→ **ABOUT THIS TASK**
Report only the number of lines in the following entries where the word "PartitioningType" occurs.

→ **RECORDS SUPPLIED**
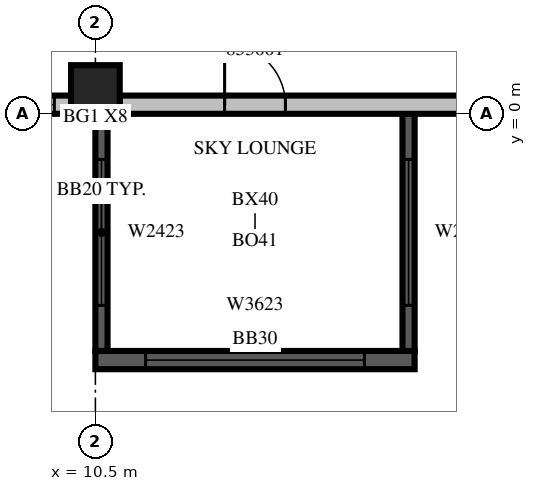
"""IFC4 building model, lengths in metres.
Left out: names, types, materials, properties, quantities, classifications, styles, units other than length and angle.
Written with IfcOpenShell. Run it as: python <this file> out.ifc"""

import sys

from ifc_helpers import new_model, si_unit, direction, frame, frame_2d, origin, origin_2d, place, context, subcontext, project, spatial, rectangle, extrude, source, transform, mapped, element, fill, save


model = new_model("IFC4")
c1 = context("Model", 3, precision=1e-05, world=origin(), true_north=direction((0.0, 1.0)))
c2 = subcontext(c1, "Body", "Model", "MODEL_VIEW")
j1 = project(units=[si_unit("LENGTHUNIT", "METRE"), si_unit("PLANEANGLEUNIT", "RADIAN")], contexts=[c1])
p1 = place(None, origin())
s1 = spatial("IfcSite", under=j1, at=p1, CompositionType="ELEMENT")
p2 = place(p1, origin())
s2 = spatial("IfcBuilding", under=s1, at=p2, CompositionType="ELEMENT")
p3 = place(p2, frame((0.0, 0.0, 234.8)))
s3 = spatial("IfcBuildingStorey", under=s2, at=p3, CompositionType="ELEMENT", Elevation=234.8)
m1 = source(origin(), c2, "Body", "SweptSolid", [
    extrude(rectangle(XDim=0.8, YDim=0.8, at=origin_2d()), origin(), (0.0, 0.0, 1.0), 3.8),
])
p4 = place(p3, frame((10.5, 0.4, 0.0), z_axis=(0.0, 0.0, 1.0), x_axis=(1.0, 0.0, 0.0)))
e1 = element("IfcColumn", 1, at=p4, inside=s3, PredefinedType="COLUMN", context=c2, shape_type="MappedRepresentation", body=[
    mapped(m1, transform((0.0, 0.0, 0.0), scale=1.0)),
])
m2 = source(origin(), c2, "Body", "SweptSolid", [
    extrude(rectangle(XDim=5.25, YDim=0.3, at=frame_2d((2.625, 0.0))), origin(), (0.0, 0.0, 1.0), 3.4),
])
p5 = place(p3, frame((10.5, -4.05, 0.0), z_axis=(0.0, 0.0, 1.0), x_axis=(1.0, 0.0, 0.0)))
e2 = element("IfcWall", 2, at=p5, inside=s3, PredefinedType="SOLIDWALL", context=c2, shape_type="MappedRepresentation", body=[
    mapped(m2, transform((0.0, 0.0, 0.0), scale=1.0)),
])
m3 = source(origin(), c2, "Body", "SweptSolid", [
    extrude(rectangle(XDim=3.6, YDim=2.3, at=frame_2d((1.8, 1.15))), frame((0.0, 0.16, 0.0), z_axis=(0.0, -1.0, 0.0), x_axis=(1.0, 0.0, 0.0)), (0.0, 0.0, 1.0), 0.32),
])
p6 = place(p5, frame((0.825, 0.0, 0.6)))
e3 = element("IfcOpeningElement", 3, at=p6, cuts=e2, PredefinedType="OPENING", context=c2, shape_type="MappedRepresentation", body=[
    mapped(m3, transform((0.0, 0.0, 0.0), scale=1.0)),
])
m4 = source(origin(), c2, "Body", "SweptSolid", [
    extrude(rectangle(XDim=3.9, YDim=0.2, at=frame_2d((1.95, 0.0))), origin(), (0.0, 0.0, 1.0), 3.4),
])
p7 = place(p3, frame((10.6, 0.0, 0.0), z_axis=(0.0, 0.0, 1.0), x_axis=(0.0, -1.0, 0.0)))
e4 = element("IfcWall", 4, at=p7, inside=s3, PredefinedType="SOLIDWALL", context=c2, shape_type="MappedRepresentation", body=[
    mapped(m4, transform((0.0, 0.0, 0.0), scale=1.0)),
])
m5 = source(origin(), c2, "Body", "SweptSolid", [
    extrude(rectangle(XDim=2.4, YDim=2.3, at=frame_2d((1.2, 1.15))), frame((0.0, 0.11, 0.0), z_axis=(0.0, -1.0, 0.0), x_axis=(1.0, 0.0, 0.0)), (0.0, 0.0, 1.0), 0.22),
])
p8 = place(p7, frame((0.75, 0.0, 0.6)))
e5 = element("IfcOpeningElement", 5, at=p8, cuts=e4, PredefinedType="OPENING", context=c2, shape_type="MappedRepresentation", body=[
    mapped(m5, transform((0.0, 0.0, 0.0), scale=1.0)),
])
p9 = place(p3, frame((15.65, 0.0, 0.0), z_axis=(0.0, 0.0, 1.0), x_axis=(0.0, -1.0, 0.0)))
e6 = element("IfcWall", 6, at=p9, inside=s3, PredefinedType="SOLIDWALL", context=c2, shape_type="MappedRepresentation", body=[
    mapped(m4, transform((0.0, 0.0, 0.0), scale=1.0)),
])
p10 = place(p9, frame((0.75, 0.0, 0.6)))
e7 = element("IfcOpeningElement", 7, at=p10, cuts=e6, PredefinedType="OPENING", context=c2, shape_type="MappedRepresentation", body=[
    mapped(m5, transform((0.0, 0.0, 0.0), scale=1.0)),
])
m6 = source(origin(), c2, "Body", "SweptSolid", [
    extrude(rectangle(XDim=5.9, YDim=0.3, at=frame_2d((2.95, 0.0))), origin(), (0.0, 0.0, 1.0), 3.4),
])
p11 = place(p3, frame((4.2, 0.15, 0.0), z_axis=(0.0, 0.0, 1.0), x_axis=(1.0, 0.0, 0.0)))
e8 = element("IfcWall", 8, at=p11, inside=s3, PredefinedType="STANDARD", context=c2, shape_type="MappedRepresentation", body=[
    mapped(m6, transform((0.0, 0.0, 0.0), scale=1.0)),
])
m7 = source(origin(), c2, "Body", "SweptSolid", [
    extrude(rectangle(XDim=1.8, YDim=2.3, at=frame_2d((0.9, 1.15))), frame((0.0, 0.16, 0.0), z_axis=(0.0, -1.0, 0.0), x_axis=(1.0, 0.0, 0.0)), (0.0, 0.0, 1.0), 0.32),
])
p12 = place(p11, frame((0.675, 0.0, 0.6)))
e9 = element("IfcOpeningElement", 9, at=p12, cuts=e8, PredefinedType="OPENING", context=c2, shape_type="MappedRepresentation", body=[
    mapped(m7, transform((0.0, 0.0, 0.0), scale=1.0)),
])
p13 = place(p11, frame((3.825, 0.0, 0.6)))
e10 = element("IfcOpeningElement", 10, at=p13, cuts=e8, PredefinedType="OPENING", context=c2, shape_type="MappedRepresentation", body=[
    mapped(m7, transform((0.0, 0.0, 0.0), scale=1.0)),
])
m8 = source(origin(), c2, "Body", "SweptSolid", [
    extrude(rectangle(XDim=9.7, YDim=0.3, at=frame_2d((4.85, 0.0))), origin(), (0.0, 0.0, 1.0), 3.4),
])
p14 = place(p3, frame((10.9, 0.15, 0.0), z_axis=(0.0, 0.0, 1.0), x_axis=(1.0, 0.0, 0.0)))
e11 = element("IfcWall", 11, at=p14, inside=s3, PredefinedType="STANDARD", context=c2, shape_type="MappedRepresentation", body=[
    mapped(m8, transform((0.0, 0.0, 0.0), scale=1.0)),
])
p15 = place(p14, frame((5.675, 0.0, 0.6)))
e12 = element("IfcOpeningElement", 12, at=p15, cuts=e11, PredefinedType="OPENING", context=c2, shape_type="MappedRepresentation", body=[
    mapped(m3, transform((0.0, 0.0, 0.0), scale=1.0)),
])
m9 = source(origin(), c2, "Body", "SweptSolid", [
    extrude(rectangle(XDim=1.0, YDim=2.1, at=frame_2d((0.5, 1.05))), frame((0.0, 0.16, 0.0), z_axis=(0.0, -1.0, 0.0), x_axis=(1.0, 0.0, 0.0)), (0.0, 0.0, 1.0), 0.32),
])
p16 = place(p14, frame((1.725, 0.0, 0.0)))
e13 = element("IfcOpeningElement", 13, at=p16, cuts=e11, PredefinedType="OPENING", context=c2, shape_type="MappedRepresentation", body=[
    mapped(m9, transform((0.0, 0.0, 0.0), scale=1.0)),
])
m10 = source(origin(), c2, "Body", "SweptSolid", [
    extrude(rectangle(XDim=3.6, YDim=2.3, at=frame_2d((1.8, 1.15))), frame((0.0, 0.03, 0.0), z_axis=(0.0, -1.0, 0.0), x_axis=(1.0, 0.0, 0.0)), (0.0, 0.0, 1.0), 0.06),
])
p17 = place(p6, origin())
e14 = element("IfcWindow", 14, at=p17, inside=s3, PartitioningType="SINGLE_PANEL", PredefinedType="WINDOW", context=c2, shape_type="MappedRepresentation", body=[
    mapped(m10, transform((0.0, 0.0, 0.0), scale=1.0)),
])
fill(e3, e14)
m11 = source(origin(), c2, "Body", "SweptSolid", [
    extrude(rectangle(XDim=2.4, YDim=2.3, at=frame_2d((1.2, 1.15))), frame((0.0, 0.03, 0.0), z_axis=(0.0, -1.0, 0.0), x_axis=(1.0, 0.0, 0.0)), (0.0, 0.0, 1.0), 0.06),
])
p18 = place(p8, origin())
e15 = element("IfcWindow", 15, at=p18, inside=s3, PartitioningType="SINGLE_PANEL", PredefinedType="WINDOW", context=c2, shape_type="MappedRepresentation", body=[
    mapped(m11, transform((0.0, 0.0, 0.0), scale=1.0)),
])
fill(e5, e15)
p19 = place(p10, origin())
e16 = element("IfcWindow", 16, at=p19, inside=s3, PartitioningType="SINGLE_PANEL", PredefinedType="WINDOW", context=c2, shape_type="MappedRepresentation", body=[
    mapped(m11, transform((0.0, 0.0, 0.0), scale=1.0)),
])
fill(e7, e16)
m12 = source(origin(), c2, "Body", "SweptSolid", [
    extrude(rectangle(XDim=1.8, YDim=2.3, at=frame_2d((0.9, 1.15))), frame((0.0, 0.03, 0.0), z_axis=(0.0, -1.0, 0.0), x_axis=(1.0, 0.0, 0.0)), (0.0, 0.0, 1.0), 0.06),
])
p20 = place(p13, origin())
e17 = element("IfcWindow", 17, at=p20, inside=s3, PartitioningType="SINGLE_PANEL", PredefinedType="WINDOW", context=c2, shape_type="MappedRepresentation", body=[
    mapped(m12, transform((0.0, 0.0, 0.0), scale=1.0)),
])
fill(e10, e17)
m13 = source(origin(), c2, "Body", "SweptSolid", [
    extrude(rectangle(XDim=1.0, YDim=2.1, at=frame_2d((0.5, 1.05))), frame((0.0, 0.025, 0.0), z_axis=(0.0, -1.0, 0.0), x_axis=(1.0, 0.0, 0.0)), (0.0, 0.0, 1.0), 0.05),
])
p21 = place(p16, origin())
e18 = element("IfcDoor", 18, at=p21, inside=s3, OperationType="SINGLE_SWING_LEFT", PredefinedType="DOOR", context=c2, shape_type="MappedRepresentation", body=[
    mapped(m13, transform((0.0, 0.0, 0.0), scale=1.0)),
])
fill(e13, e18)
save(model, sys.argv[1])

→ **EXERCISE RESPONSE**
4